- **The task**: Your copy of the data should match it exactly, leaving out only the pictures.

- **Dataset entries**:
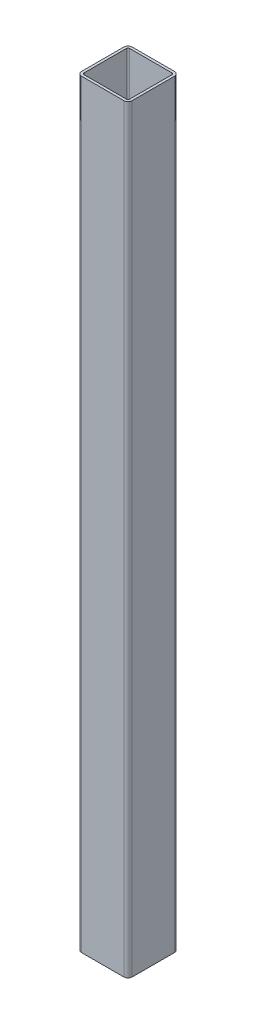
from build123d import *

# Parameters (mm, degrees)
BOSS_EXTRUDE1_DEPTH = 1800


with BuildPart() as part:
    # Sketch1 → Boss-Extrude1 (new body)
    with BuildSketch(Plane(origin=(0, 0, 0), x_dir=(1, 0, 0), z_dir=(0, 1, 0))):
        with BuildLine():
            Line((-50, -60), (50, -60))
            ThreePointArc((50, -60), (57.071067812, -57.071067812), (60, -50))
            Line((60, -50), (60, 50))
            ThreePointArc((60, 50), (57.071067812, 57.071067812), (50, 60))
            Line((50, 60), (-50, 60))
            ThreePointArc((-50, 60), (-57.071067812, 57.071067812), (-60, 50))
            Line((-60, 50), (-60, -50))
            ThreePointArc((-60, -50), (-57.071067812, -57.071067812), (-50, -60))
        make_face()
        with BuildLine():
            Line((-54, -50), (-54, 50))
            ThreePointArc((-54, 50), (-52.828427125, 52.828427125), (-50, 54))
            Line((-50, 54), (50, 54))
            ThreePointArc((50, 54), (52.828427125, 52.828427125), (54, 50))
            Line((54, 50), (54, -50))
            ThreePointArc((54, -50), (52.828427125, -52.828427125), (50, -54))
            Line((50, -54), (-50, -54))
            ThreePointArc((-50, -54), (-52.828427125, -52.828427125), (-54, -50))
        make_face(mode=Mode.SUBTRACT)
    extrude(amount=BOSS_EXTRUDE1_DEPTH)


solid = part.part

- **Response to the task**:
from build123d import *

# Parameters (mm, degrees)
BOSS_EXTRUDE1_DEPTH = 1800


with BuildPart() as part:
    # Sketch1 → Boss-Extrude1 (new body)
    with BuildSketch(Plane(origin=(0, 0, 0), x_dir=(1, 0, 0), z_dir=(0, 1, 0))):
        with BuildLine():
            Line((-50, -60), (50, -60))
            ThreePointArc((50, -60), (57.071067812, -57.071067812), (60, -50))
            Line((60, -50), (60, 50))
            ThreePointArc((60, 50), (57.071067812, 57.071067812), (50, 60))
            Line((50, 60), (-50, 60))
            ThreePointArc((-50, 60), (-57.071067812, 57.071067812), (-60, 50))
            Line((-60, 50), (-60, -50))
            ThreePointArc((-60, -50), (-57.071067812, -57.071067812), (-50, -60))
        make_face()
        with BuildLine():
            Line((-54, -50), (-54, 50))
            ThreePointArc((-54, 50), (-52.828427125, 52.828427125), (-50, 54))
            Line((-50, 54), (50, 54))
            ThreePointArc((50, 54), (52.828427125, 52.828427125), (54, 50))
            Line((54, 50), (54, -50))
            ThreePointArc((54, -50), (52.828427125, -52.828427125), (50, -54))
            Line((50, -54), (-50, -54))
            ThreePointArc((-50, -54), (-52.828427125, -52.828427125), (-54, -50))
        make_face(mode=Mode.SUBTRACT)
    extrude(amount=BOSS_EXTRUDE1_DEPTH)


solid = part.part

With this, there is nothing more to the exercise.